Collected data —
----------

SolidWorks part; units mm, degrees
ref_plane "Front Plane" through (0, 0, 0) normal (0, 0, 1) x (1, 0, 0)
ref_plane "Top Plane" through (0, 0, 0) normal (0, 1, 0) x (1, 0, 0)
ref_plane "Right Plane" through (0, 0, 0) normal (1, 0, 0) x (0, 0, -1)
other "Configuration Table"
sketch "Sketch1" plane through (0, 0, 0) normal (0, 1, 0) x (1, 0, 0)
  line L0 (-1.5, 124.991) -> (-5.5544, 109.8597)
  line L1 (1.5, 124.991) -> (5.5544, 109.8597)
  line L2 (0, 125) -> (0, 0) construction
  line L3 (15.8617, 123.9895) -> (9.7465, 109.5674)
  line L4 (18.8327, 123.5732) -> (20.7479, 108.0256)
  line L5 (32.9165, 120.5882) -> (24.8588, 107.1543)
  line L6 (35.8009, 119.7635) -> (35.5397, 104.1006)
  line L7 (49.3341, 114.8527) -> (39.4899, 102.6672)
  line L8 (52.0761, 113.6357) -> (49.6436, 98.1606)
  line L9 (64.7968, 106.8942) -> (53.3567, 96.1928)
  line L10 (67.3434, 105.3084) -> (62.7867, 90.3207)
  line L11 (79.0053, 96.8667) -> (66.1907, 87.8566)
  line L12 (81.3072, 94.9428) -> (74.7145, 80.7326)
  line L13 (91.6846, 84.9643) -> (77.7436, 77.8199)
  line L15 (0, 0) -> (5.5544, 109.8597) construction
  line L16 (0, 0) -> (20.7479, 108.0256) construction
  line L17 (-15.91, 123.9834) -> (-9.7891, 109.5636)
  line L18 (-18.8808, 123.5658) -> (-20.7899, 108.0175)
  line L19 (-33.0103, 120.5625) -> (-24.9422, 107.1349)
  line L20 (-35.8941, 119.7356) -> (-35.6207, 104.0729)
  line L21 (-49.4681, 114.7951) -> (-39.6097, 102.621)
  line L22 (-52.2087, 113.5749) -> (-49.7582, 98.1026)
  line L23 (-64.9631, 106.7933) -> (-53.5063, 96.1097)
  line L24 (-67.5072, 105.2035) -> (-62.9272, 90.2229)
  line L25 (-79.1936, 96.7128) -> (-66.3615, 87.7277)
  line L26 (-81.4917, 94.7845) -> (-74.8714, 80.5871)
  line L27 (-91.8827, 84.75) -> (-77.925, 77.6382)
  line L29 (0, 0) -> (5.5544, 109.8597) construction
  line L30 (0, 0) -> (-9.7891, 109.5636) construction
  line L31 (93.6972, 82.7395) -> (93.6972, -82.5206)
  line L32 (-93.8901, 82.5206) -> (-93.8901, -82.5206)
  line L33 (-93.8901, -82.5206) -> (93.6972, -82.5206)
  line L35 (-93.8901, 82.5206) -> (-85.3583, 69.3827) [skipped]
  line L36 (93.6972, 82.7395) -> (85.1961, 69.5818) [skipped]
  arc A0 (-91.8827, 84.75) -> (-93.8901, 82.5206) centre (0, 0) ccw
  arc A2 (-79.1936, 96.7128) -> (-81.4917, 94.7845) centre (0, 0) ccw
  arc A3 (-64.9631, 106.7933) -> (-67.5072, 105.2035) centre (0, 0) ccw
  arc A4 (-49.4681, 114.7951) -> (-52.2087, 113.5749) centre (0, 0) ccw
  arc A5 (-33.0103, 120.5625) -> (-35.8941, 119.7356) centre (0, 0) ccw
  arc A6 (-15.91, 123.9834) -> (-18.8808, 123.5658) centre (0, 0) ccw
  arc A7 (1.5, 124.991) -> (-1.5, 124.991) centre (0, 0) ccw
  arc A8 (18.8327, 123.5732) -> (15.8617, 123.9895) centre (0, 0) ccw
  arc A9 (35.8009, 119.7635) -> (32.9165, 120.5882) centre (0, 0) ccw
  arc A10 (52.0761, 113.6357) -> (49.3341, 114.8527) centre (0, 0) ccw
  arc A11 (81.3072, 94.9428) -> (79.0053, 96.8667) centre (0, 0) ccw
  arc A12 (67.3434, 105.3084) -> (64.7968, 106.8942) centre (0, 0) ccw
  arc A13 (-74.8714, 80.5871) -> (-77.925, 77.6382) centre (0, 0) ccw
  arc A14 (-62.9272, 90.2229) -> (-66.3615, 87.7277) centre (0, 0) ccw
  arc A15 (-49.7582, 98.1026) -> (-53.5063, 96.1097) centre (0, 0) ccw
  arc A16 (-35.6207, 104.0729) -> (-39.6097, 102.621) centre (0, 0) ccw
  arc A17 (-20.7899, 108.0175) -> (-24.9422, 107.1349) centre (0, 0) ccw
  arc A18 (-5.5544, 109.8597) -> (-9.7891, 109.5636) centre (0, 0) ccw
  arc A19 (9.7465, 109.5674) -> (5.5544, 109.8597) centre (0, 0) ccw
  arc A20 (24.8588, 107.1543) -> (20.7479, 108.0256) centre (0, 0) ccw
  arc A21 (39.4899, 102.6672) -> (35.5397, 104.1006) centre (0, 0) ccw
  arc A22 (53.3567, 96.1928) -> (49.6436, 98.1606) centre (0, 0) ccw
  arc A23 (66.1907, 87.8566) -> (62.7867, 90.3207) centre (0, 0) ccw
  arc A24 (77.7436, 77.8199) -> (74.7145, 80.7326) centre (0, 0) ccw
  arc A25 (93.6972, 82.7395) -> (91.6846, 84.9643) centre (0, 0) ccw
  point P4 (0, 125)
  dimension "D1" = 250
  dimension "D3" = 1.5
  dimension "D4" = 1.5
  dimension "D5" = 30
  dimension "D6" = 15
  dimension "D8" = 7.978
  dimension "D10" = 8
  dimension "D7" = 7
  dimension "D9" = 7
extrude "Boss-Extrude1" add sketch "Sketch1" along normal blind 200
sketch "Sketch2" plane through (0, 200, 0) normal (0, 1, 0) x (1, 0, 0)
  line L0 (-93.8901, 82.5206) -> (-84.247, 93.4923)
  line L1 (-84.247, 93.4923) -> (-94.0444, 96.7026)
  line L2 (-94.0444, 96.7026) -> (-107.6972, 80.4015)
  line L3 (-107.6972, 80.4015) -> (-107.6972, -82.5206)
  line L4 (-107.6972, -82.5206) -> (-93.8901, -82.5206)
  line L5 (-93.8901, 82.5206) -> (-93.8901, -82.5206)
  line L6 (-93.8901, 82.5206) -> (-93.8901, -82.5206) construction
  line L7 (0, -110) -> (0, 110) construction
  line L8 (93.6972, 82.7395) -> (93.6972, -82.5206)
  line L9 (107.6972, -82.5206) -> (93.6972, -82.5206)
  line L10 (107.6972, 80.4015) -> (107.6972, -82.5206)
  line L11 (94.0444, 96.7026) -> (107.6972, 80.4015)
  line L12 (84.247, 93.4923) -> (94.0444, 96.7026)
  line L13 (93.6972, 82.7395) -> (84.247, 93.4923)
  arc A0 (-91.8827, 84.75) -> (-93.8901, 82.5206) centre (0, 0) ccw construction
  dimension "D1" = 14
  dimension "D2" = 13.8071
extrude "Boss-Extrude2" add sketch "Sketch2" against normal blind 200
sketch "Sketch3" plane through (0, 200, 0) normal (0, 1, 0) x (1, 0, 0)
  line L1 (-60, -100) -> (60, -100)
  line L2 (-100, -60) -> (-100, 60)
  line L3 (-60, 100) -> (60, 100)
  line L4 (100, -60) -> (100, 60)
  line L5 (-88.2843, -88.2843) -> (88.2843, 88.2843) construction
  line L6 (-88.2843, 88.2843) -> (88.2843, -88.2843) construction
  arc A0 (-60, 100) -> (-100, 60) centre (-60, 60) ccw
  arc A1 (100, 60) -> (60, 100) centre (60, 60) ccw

----------

Take the lines above from the one containing "line L1 (-60, -100) -> (60, -100)" to the one containing "line L6 (-88.2843, 88.2843)" and retype them exactly, both ends included, with nothing added.

  line L1 (-60, -100) -> (60, -100)
  line L2 (-100, -60) -> (-100, 60)
  line L3 (-60, 100) -> (60, 100)
  line L4 (100, -60) -> (100, 60)
  line L5 (-88.2843, -88.2843) -> (88.2843, 88.2843) construction
  line L6 (-88.2843, 88.2843) -> (88.2843, -88.2843) construction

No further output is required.